How many lines within the records include the word "IfcMember"? Only that number should be given.

....

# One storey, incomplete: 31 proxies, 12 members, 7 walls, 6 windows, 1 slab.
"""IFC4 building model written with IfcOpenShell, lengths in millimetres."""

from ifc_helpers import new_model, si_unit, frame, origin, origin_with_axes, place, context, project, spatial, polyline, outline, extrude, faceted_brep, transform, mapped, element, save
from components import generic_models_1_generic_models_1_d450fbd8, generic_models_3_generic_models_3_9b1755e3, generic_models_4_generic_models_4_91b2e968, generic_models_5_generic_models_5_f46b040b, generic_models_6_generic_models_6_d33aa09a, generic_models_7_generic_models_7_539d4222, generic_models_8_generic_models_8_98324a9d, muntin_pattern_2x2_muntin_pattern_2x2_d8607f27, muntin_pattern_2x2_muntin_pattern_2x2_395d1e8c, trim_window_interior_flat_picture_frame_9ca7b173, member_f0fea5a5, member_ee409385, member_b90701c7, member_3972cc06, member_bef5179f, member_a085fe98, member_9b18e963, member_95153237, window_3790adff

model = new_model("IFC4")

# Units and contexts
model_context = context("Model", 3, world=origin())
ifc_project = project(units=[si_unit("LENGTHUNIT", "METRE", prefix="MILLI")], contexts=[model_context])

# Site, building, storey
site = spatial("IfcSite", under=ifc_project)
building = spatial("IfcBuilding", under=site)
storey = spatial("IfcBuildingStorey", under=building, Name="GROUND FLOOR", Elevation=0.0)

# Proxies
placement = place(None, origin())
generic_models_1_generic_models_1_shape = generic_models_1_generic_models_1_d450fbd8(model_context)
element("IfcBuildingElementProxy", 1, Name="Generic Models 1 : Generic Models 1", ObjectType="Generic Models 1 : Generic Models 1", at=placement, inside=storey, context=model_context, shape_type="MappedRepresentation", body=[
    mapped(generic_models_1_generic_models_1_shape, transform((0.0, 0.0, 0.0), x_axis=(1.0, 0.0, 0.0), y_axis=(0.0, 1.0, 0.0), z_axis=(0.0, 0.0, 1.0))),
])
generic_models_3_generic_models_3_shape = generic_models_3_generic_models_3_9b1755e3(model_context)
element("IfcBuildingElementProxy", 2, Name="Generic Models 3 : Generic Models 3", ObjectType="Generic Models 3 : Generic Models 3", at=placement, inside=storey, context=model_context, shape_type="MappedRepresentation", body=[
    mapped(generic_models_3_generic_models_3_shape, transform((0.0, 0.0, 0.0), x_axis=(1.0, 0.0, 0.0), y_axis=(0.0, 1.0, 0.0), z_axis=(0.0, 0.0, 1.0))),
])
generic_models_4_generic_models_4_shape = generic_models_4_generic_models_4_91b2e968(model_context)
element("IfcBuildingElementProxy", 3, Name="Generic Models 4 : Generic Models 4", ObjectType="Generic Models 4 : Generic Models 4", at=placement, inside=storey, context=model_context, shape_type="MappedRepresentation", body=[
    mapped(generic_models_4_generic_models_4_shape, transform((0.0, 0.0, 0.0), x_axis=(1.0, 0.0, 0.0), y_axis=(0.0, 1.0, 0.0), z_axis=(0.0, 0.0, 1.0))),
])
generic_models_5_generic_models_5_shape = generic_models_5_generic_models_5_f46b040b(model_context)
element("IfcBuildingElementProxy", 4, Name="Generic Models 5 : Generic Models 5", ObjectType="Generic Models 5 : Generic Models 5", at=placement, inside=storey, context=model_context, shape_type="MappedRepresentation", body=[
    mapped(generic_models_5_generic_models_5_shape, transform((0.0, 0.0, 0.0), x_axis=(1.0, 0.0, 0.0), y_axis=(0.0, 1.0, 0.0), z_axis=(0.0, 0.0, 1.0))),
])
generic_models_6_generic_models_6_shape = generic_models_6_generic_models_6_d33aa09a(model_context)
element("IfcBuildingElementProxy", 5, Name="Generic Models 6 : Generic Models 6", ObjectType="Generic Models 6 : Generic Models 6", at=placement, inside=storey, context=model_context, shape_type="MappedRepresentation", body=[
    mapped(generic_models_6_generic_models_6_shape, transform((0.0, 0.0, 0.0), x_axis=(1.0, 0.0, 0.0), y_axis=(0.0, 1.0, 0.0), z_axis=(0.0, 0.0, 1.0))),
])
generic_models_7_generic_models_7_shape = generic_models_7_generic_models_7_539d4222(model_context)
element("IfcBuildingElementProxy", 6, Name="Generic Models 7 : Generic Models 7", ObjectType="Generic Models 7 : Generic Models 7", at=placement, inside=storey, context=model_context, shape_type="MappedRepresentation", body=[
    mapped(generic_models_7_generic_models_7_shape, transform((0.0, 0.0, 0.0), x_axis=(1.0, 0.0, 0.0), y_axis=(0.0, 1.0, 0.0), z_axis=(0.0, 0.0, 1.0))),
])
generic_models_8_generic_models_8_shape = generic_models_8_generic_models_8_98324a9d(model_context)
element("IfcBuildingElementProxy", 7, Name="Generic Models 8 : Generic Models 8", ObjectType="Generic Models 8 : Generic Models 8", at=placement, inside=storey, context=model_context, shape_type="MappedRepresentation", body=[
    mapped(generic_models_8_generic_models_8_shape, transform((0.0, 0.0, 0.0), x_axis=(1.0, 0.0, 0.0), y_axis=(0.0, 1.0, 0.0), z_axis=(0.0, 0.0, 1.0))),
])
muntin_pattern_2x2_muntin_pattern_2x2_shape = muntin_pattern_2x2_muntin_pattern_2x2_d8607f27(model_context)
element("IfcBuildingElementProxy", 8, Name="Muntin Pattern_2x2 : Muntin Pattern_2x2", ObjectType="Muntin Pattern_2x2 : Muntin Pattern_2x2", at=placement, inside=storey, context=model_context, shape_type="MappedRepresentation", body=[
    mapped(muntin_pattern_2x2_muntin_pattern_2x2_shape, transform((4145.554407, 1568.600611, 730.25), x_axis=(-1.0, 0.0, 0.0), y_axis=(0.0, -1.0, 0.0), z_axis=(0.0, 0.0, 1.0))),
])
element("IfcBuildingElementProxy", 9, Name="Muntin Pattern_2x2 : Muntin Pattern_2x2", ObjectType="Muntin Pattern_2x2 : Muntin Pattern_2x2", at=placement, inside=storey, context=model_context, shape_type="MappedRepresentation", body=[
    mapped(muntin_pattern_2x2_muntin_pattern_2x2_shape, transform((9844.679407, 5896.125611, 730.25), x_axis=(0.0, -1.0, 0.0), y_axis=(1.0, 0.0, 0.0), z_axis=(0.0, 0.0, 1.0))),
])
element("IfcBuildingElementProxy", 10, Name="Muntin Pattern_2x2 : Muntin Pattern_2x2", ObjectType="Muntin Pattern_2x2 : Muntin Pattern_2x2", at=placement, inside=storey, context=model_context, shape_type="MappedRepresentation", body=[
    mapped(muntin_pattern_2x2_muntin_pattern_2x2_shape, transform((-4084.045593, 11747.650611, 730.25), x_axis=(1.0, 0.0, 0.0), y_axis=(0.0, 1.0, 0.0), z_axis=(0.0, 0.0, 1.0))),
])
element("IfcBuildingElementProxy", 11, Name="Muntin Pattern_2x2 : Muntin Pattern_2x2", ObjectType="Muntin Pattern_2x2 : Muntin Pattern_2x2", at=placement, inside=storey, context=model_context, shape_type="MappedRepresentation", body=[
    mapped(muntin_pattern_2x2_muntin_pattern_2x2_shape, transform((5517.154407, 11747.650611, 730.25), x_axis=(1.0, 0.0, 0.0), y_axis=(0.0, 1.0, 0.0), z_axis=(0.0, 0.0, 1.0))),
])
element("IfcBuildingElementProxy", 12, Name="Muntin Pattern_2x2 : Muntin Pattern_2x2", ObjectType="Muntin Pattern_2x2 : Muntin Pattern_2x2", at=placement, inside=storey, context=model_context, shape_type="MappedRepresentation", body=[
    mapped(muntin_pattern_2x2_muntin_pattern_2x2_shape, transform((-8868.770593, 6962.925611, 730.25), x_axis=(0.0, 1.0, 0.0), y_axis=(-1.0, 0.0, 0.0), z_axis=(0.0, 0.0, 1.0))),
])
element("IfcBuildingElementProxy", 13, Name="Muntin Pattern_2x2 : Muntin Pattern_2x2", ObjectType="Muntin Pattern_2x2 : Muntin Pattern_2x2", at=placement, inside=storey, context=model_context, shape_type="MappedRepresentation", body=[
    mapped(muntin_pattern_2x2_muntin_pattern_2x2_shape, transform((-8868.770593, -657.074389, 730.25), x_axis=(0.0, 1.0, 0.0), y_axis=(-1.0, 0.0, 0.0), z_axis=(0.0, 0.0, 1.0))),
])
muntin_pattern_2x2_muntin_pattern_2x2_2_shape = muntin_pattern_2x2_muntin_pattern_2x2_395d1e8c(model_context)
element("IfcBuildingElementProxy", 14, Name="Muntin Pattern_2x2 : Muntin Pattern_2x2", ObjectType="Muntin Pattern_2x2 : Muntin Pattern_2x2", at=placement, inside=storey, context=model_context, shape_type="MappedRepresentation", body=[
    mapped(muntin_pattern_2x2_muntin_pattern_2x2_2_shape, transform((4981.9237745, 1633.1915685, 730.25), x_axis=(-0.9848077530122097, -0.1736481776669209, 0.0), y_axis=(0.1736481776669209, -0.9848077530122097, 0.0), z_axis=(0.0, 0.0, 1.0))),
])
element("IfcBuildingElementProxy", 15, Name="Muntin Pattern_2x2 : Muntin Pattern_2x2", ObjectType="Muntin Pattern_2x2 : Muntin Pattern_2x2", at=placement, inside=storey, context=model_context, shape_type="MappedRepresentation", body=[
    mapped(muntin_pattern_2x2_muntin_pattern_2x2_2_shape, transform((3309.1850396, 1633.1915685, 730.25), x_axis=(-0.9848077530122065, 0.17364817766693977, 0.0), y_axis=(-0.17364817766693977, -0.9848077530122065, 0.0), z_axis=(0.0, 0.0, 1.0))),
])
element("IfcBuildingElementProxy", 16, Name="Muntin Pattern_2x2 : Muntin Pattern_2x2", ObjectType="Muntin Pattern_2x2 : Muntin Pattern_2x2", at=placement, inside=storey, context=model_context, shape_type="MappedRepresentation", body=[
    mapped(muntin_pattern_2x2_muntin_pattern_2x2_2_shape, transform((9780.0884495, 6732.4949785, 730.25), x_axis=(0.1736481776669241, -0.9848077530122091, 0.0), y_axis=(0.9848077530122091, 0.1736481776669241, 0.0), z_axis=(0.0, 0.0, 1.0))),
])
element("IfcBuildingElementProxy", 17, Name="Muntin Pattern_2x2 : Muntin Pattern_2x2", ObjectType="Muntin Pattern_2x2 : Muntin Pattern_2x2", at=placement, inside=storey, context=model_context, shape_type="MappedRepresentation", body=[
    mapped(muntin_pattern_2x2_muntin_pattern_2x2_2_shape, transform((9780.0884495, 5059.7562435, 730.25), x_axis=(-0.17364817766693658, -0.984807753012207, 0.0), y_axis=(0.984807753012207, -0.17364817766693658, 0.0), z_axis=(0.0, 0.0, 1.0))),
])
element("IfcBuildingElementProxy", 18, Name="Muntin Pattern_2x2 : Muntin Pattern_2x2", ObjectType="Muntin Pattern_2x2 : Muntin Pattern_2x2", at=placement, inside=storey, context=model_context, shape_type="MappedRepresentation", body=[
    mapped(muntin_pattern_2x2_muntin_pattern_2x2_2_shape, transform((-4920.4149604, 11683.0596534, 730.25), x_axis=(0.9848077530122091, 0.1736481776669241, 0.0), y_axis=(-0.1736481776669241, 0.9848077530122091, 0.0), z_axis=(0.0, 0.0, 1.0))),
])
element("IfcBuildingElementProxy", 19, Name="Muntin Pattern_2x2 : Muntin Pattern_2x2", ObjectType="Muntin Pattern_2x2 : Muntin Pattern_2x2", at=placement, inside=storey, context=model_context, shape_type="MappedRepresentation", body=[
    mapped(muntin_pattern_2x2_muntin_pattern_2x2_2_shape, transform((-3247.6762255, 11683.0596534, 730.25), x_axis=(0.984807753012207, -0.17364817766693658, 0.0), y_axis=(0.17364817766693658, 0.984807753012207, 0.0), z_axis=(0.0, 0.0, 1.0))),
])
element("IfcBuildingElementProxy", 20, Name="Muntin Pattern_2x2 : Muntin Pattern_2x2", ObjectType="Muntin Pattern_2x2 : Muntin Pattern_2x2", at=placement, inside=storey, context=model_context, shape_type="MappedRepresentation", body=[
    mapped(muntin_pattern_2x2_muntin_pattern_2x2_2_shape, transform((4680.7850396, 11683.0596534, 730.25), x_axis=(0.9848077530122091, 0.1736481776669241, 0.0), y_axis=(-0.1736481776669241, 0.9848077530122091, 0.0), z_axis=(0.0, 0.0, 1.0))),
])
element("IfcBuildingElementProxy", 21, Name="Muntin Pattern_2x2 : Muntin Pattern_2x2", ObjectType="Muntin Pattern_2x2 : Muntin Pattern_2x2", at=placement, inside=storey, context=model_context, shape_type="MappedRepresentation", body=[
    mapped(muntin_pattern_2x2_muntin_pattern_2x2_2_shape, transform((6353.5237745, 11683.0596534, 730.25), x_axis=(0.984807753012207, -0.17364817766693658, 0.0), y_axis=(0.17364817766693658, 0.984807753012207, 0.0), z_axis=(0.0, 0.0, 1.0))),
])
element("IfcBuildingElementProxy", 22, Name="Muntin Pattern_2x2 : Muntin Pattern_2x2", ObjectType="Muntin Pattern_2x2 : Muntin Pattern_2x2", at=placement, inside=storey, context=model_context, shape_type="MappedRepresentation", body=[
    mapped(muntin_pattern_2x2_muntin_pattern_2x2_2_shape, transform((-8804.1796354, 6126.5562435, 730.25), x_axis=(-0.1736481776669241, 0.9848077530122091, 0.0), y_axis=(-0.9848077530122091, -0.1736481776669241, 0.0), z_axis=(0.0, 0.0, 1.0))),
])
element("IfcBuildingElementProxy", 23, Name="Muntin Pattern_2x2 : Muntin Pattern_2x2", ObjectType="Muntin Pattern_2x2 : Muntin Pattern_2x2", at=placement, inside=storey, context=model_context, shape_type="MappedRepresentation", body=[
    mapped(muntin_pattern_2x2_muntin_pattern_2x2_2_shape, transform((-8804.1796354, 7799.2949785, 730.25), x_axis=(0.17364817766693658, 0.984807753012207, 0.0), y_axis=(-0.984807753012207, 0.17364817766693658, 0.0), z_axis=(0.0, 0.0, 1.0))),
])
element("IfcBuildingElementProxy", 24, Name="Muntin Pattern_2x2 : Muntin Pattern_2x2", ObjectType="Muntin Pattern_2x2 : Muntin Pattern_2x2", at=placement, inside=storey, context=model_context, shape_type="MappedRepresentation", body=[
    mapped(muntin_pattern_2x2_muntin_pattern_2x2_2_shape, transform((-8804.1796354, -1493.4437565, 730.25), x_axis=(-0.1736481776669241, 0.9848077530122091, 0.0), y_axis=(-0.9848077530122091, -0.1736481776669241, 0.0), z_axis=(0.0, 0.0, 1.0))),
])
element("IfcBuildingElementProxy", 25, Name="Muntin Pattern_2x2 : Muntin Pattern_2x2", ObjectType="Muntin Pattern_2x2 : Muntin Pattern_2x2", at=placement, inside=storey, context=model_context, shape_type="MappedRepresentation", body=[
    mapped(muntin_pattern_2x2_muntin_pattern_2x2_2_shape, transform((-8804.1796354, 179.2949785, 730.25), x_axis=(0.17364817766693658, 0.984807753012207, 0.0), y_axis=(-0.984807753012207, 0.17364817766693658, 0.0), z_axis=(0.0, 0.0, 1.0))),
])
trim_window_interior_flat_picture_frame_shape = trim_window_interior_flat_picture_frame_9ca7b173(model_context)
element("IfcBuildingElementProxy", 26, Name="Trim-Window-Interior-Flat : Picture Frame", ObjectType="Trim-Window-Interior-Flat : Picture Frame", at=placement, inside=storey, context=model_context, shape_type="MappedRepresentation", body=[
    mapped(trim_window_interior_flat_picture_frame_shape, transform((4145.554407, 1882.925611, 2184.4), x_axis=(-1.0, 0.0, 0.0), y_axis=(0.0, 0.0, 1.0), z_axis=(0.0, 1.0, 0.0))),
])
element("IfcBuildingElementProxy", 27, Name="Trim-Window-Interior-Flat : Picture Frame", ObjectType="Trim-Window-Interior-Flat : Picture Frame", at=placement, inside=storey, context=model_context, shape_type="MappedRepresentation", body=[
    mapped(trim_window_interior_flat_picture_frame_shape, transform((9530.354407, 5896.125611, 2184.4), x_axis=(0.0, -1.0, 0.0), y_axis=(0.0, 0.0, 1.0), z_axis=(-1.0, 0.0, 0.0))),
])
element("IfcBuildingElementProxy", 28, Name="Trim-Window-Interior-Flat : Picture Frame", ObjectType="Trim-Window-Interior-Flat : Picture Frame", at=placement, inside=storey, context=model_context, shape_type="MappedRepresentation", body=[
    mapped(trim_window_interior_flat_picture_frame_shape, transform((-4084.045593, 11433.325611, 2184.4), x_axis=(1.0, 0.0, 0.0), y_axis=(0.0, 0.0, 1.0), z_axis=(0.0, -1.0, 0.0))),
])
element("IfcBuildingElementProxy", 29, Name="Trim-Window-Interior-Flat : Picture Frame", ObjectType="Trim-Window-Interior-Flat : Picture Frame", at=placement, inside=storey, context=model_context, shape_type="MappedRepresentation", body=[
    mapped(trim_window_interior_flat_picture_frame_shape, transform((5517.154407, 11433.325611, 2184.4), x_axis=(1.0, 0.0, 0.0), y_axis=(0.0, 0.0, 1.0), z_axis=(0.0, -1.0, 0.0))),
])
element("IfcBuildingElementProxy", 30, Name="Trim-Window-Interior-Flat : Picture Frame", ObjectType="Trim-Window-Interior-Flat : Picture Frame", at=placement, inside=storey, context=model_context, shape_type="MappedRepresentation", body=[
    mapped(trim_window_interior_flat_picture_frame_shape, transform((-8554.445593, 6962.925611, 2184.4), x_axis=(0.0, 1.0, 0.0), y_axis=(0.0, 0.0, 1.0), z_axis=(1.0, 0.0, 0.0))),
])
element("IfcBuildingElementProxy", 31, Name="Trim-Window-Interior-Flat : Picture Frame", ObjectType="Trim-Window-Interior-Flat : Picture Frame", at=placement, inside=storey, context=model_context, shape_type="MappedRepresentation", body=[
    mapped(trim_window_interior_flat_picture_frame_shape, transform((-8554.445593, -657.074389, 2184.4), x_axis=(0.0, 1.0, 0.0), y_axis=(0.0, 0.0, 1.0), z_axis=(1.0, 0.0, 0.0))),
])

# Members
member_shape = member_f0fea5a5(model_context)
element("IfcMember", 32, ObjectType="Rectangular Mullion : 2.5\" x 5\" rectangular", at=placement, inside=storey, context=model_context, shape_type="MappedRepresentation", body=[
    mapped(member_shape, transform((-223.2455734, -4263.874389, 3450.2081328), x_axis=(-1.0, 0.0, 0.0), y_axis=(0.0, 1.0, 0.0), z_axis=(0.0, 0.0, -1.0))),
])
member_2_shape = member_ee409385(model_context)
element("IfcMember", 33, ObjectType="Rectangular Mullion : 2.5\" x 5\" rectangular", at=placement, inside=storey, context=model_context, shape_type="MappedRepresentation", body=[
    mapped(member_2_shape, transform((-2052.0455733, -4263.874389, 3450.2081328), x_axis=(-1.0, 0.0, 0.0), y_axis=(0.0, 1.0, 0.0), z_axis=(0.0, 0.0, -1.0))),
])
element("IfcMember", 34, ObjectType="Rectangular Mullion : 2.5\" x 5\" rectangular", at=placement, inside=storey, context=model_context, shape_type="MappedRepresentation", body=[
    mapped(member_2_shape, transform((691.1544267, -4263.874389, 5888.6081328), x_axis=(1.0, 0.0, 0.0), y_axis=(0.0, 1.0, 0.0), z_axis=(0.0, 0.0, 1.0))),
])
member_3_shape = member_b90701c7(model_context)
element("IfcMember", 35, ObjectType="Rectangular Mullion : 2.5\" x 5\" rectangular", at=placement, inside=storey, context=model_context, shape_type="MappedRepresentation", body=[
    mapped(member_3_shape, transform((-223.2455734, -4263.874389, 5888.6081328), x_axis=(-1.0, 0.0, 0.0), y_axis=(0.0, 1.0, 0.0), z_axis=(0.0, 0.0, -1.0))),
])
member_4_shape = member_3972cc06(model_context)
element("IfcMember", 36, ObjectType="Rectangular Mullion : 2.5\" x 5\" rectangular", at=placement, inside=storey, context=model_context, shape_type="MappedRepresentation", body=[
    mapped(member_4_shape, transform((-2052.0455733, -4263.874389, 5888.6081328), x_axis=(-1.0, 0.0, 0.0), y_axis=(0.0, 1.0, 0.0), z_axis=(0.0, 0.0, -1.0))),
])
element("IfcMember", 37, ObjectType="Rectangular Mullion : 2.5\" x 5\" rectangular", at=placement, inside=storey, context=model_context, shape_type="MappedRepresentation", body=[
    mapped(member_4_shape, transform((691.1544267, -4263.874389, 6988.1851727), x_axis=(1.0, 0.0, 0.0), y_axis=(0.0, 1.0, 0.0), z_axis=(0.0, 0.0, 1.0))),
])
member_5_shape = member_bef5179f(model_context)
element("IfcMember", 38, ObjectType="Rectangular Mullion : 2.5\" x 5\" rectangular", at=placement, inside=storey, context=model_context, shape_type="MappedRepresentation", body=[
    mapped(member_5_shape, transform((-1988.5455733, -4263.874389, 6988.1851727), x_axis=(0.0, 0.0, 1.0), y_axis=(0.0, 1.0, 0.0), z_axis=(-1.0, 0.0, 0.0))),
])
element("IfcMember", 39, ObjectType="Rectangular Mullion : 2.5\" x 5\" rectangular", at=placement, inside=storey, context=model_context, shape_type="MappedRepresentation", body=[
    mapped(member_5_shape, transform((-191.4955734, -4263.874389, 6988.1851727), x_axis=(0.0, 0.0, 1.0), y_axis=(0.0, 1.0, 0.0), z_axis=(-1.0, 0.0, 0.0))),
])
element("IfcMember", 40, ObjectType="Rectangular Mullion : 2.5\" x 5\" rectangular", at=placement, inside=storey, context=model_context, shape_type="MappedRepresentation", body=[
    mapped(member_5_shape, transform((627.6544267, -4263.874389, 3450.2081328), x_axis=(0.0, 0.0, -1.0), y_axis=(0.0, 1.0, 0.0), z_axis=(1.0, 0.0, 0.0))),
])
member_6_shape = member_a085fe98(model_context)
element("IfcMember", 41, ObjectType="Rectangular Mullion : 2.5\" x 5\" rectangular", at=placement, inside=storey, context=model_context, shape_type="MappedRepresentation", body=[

....

Written solution> 10